▸ **Task to complete**
Whenever a line below includes the word "direction", copy that line.

Records excerpted from a collection
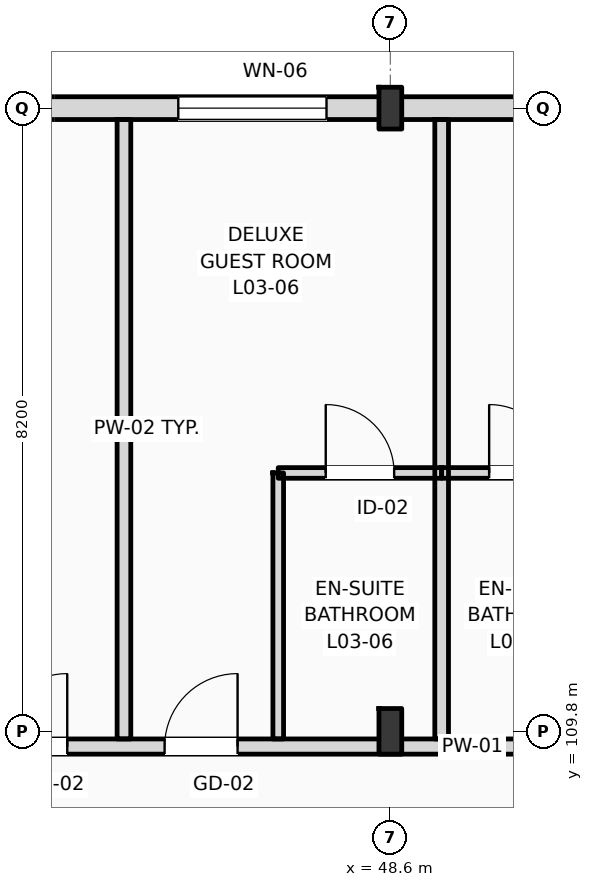
"""IFC4 building model, lengths in metres.
Left out: names, types, materials, properties, quantities, classifications, styles, units other than length and angle.
Written with IfcOpenShell. Run it as: python <this file> out.ifc"""

import sys

from ifc_helpers import new_model, si_unit, direction, frame, frame_2d, origin, origin_2d, place, context, subcontext, project, spatial, rectangle, i_section, extrude, element, fill, save


model = new_model("IFC4")
c1 = context("Model", 3, precision=1e-05, world=origin(), true_north=direction((0.0, 1.0)))
c2 = subcontext(c1, "Body", "Model", "MODEL_VIEW")
j1 = project(units=[si_unit("LENGTHUNIT", "METRE"), si_unit("PLANEANGLEUNIT", "RADIAN")], contexts=[c1])
p1 = place(None, origin())
s1 = spatial("IfcSite", under=j1, at=p1, CompositionType="ELEMENT")
p2 = place(p1, origin())
s2 = spatial("IfcBuilding", under=s1, at=p2, CompositionType="ELEMENT")
p3 = place(p2, frame((0.0, 0.0, 16.2)))
s3 = spatial("IfcBuildingStorey", under=s2, at=p3, CompositionType="ELEMENT", Elevation=16.2)
p4 = place(p3, frame((48.6, 109.8, 0.0), z_axis=(0.0, 0.0, 1.0), x_axis=(1.0, 0.0, 0.0)))
e1 = element("IfcColumn", 1, at=p4, inside=s3, PredefinedType="COLUMN", context=c2, shape_type="SweptSolid", body=[
    extrude(i_section(OverallWidth=0.3, OverallDepth=0.6, WebThickness=0.015, FlangeThickness=0.03, FilletRadius=0.027, at=origin_2d()), origin(), (0.0, 0.0, 1.0), 4.2),
])
p5 = place(p3, frame((48.6, 118.0, 0.0), z_axis=(0.0, 0.0, 1.0), x_axis=(1.0, 0.0, 0.0)))
e2 = element("IfcColumn", 2, at=p5, inside=s3, PredefinedType="COLUMN", context=c2, shape_type="SweptSolid", body=[
    extrude(i_section(OverallWidth=0.3, OverallDepth=0.55, WebThickness=0.015, FlangeThickness=0.029, FilletRadius=0.027, at=origin_2d()), origin(), (0.0, 0.0, 1.0), 4.2),
])
p6 = place(p3, frame((22.5, 118.0, 0.0), z_axis=(0.0, 0.0, 1.0), x_axis=(1.0, 0.0, 0.0)))
e3 = element("IfcWall", 3, at=p6, inside=s3, PredefinedType="STANDARD", context=c2, shape_type="SweptSolid", body=[
    extrude(rectangle(XDim=97.5, YDim=0.3, at=frame_2d((48.75, 0.0))), origin(), (0.0, 0.0, 1.0), 3.36),
])
p7 = place(p6, frame((3.721, 0.0, 0.9)))
e4 = element("IfcOpeningElement", 4, at=p7, cuts=e3, PredefinedType="OPENING", context=c2, shape_type="SweptSolid", body=[
    extrude(rectangle(XDim=0.9, YDim=1.8, at=frame_2d((0.45, 0.9))), frame((0.0, 0.16, 0.0), z_axis=(0.0, -1.0, 0.0), x_axis=(1.0, 0.0, 0.0)), (0.0, 0.0, 1.0), 0.32),
])
p8 = place(p6, frame((6.447, 0.0, 0.9)))
e5 = element("IfcOpeningElement", 5, at=p8, cuts=e3, PredefinedType="OPENING", context=c2, shape_type="SweptSolid", body=[
    extrude(rectangle(XDim=1.35, YDim=1.85, at=frame_2d((0.675, 0.925))), frame((0.0, 0.16, 0.0), z_axis=(0.0, -1.0, 0.0), x_axis=(1.0, 0.0, 0.0)), (0.0, 0.0, 1.0), 0.32),
])
p9 = place(p6, frame((11.363, 0.0, 0.9)))
e6 = element("IfcOpeningElement", 6, at=p9, cuts=e3, PredefinedType="OPENING", context=c2, shape_type="SweptSolid", body=[
    extrude(rectangle(XDim=1.5, YDim=1.9, at=frame_2d((0.75, 0.95))), frame((0.0, 0.16, 0.0), z_axis=(0.0, -1.0, 0.0), x_axis=(1.0, 0.0, 0.0)), (0.0, 0.0, 1.0), 0.32),
])
p10 = place(p6, frame((15.078, 0.0, 0.9)))
e7 = element("IfcOpeningElement", 7, at=p10, cuts=e3, PredefinedType="OPENING", context=c2, shape_type="SweptSolid", body=[
    extrude(rectangle(XDim=1.65, YDim=1.95, at=frame_2d((0.825, 0.975))), frame((0.0, 0.16, 0.0), z_axis=(0.0, -1.0, 0.0), x_axis=(1.0, 0.0, 0.0)), (0.0, 0.0, 1.0), 0.32),
])
p11 = place(p6, frame((19.395, 0.0, 0.9)))
e8 = element("IfcOpeningElement", 8, at=p11, cuts=e3, PredefinedType="OPENING", context=c2, shape_type="SweptSolid", body=[
    extrude(rectangle(XDim=1.8, YDim=2.0, at=frame_2d((0.9, 1.0))), frame((0.0, 0.16, 0.0), z_axis=(0.0, -1.0, 0.0), x_axis=(1.0, 0.0, 0.0)), (0.0, 0.0, 1.0), 0.32),
])
p12 = place(p6, frame((23.31, 0.0, 0.9)))
e9 = element("IfcOpeningElement", 9, at=p12, cuts=e3, PredefinedType="OPENING", context=c2, shape_type="SweptSolid", body=[
    extrude(rectangle(XDim=1.95, YDim=2.05, at=frame_2d((0.975, 1.025))), frame((0.0, 0.16, 0.0), z_axis=(0.0, -1.0, 0.0), x_axis=(1.0, 0.0, 0.0)), (0.0, 0.0, 1.0), 0.32),
])
p13 = place(p6, frame((28.026, 0.0, 0.9)))
e10 = element("IfcOpeningElement", 10, at=p13, cuts=e3, PredefinedType="OPENING", context=c2, shape_type="SweptSolid", body=[
    extrude(rectangle(XDim=2.1, YDim=2.1, at=frame_2d((1.05, 1.05))), frame((0.0, 0.16, 0.0), z_axis=(0.0, -1.0, 0.0), x_axis=(1.0, 0.0, 0.0)), (0.0, 0.0, 1.0), 0.32),
])
p14 = place(p6, frame((31.941, 0.0, 0.9)))
e11 = element("IfcOpeningElement", 11, at=p14, cuts=e3, PredefinedType="OPENING", context=c2, shape_type="SweptSolid", body=[
    extrude(rectangle(XDim=1.1, YDim=2.15, at=frame_2d((0.55, 1.075))), frame((0.0, 0.16, 0.0), z_axis=(0.0, -1.0, 0.0), x_axis=(1.0, 0.0, 0.0)), (0.0, 0.0, 1.0), 0.32),
])
p15 = place(p6, frame((36.657, 0.0, 0.9)))
e12 = element("IfcOpeningElement", 12, at=p15, cuts=e3, PredefinedType="OPENING", context=c2, shape_type="SweptSolid", body=[
    extrude(rectangle(XDim=2.4, YDim=2.2, at=frame_2d((1.2, 1.1))), frame((0.0, 0.16, 0.0), z_axis=(0.0, -1.0, 0.0), x_axis=(1.0, 0.0, 0.0)), (0.0, 0.0, 1.0), 0.32),
])
p16 = place(p6, frame((42.574, 0.0, 0.9)))
e13 = element("IfcOpeningElement", 13, at=p16, cuts=e3, PredefinedType="OPENING", context=c2, shape_type="SweptSolid", body=[
    extrude(rectangle(XDim=1.35, YDim=2.25, at=frame_2d((0.675, 1.125))), frame((0.0, 0.16, 0.0), z_axis=(0.0, -1.0, 0.0), x_axis=(1.0, 0.0, 0.0)), (0.0, 0.0, 1.0), 0.32),
])
p17 = place(p6, frame((45.289, 0.0, 0.9)))
e14 = element("IfcOpeningElement", 14, at=p17, cuts=e3, PredefinedType="OPENING", context=c2, shape_type="SweptSolid", body=[
    extrude(rectangle(XDim=2.7, YDim=2.28, at=frame_2d((1.35, 1.14))), frame((0.0, 0.16, 0.0), z_axis=(0.0, -1.0, 0.0), x_axis=(1.0, 0.0, 0.0)), (0.0, 0.0, 1.0), 0.32),
])
p18 = place(p6, frame((50.406, 0.0, 0.9)))
e15 = element("IfcOpeningElement", 15, at=p18, cuts=e3, PredefinedType="OPENING", context=c2, shape_type="SweptSolid", body=[
    extrude(rectangle(XDim=1.8, YDim=2.28, at=frame_2d((0.9, 1.14))), frame((0.0, 0.16, 0.0), z_axis=(0.0, -1.0, 0.0), x_axis=(1.0, 0.0, 0.0)), (0.0, 0.0, 1.0), 0.32),
])
p19 = place(p6, frame((53.922, 0.0, 0.9)))
e16 = element("IfcOpeningElement", 16, at=p19, cuts=e3, PredefinedType="OPENING", context=c2, shape_type="SweptSolid", body=[
    extrude(rectangle(XDim=1.8, YDim=2.28, at=frame_2d((0.9, 1.14))), frame((0.0, 0.16, 0.0), z_axis=(0.0, -1.0, 0.0), x_axis=(1.0, 0.0, 0.0)), (0.0, 0.0, 1.0), 0.32),
])
p20 = place(p6, frame((58.332, 0.0, 0.9)))
e17 = element("IfcOpeningElement", 17, at=p20, cuts=e3, PredefinedType="OPENING", context=c2, shape_type="SweptSolid", body=[
    extrude(rectangle(XDim=2.961, YDim=2.28, at=frame_2d((1.48, 1.14))), frame((0.0, 0.16, 0.0), z_axis=(0.0, -1.0, 0.0), x_axis=(1.0, 0.0, 0.0)), (0.0, 0.0, 1.0), 0.32),
])
p21 = place(p6, frame((62.513, 0.0, 0.9)))
e18 = element("IfcOpeningElement", 18, at=p21, cuts=e3, PredefinedType="OPENING", context=c2, shape_type="SweptSolid", body=[
    extrude(rectangle(XDim=1.8, YDim=2.28, at=frame_2d((0.9, 1.14))), frame((0.0, 0.16, 0.0), z_axis=(0.0, -1.0, 0.0), x_axis=(1.0, 0.0, 0.0)), (0.0, 0.0, 1.0), 0.32),
])
p22 = place(p6, frame((67.114, 0.0, 0.9)))
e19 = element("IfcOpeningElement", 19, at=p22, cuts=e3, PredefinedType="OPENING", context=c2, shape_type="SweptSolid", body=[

▸ **Task solution**
from ifc_helpers import new_model, si_unit, direction, frame, frame_2d, origin, origin_2d, place, context, subcontext, project, spatial, rectangle, i_section, extrude, element, fill, save
c1 = context("Model", 3, precision=1e-05, world=origin(), true_north=direction((0.0, 1.0)))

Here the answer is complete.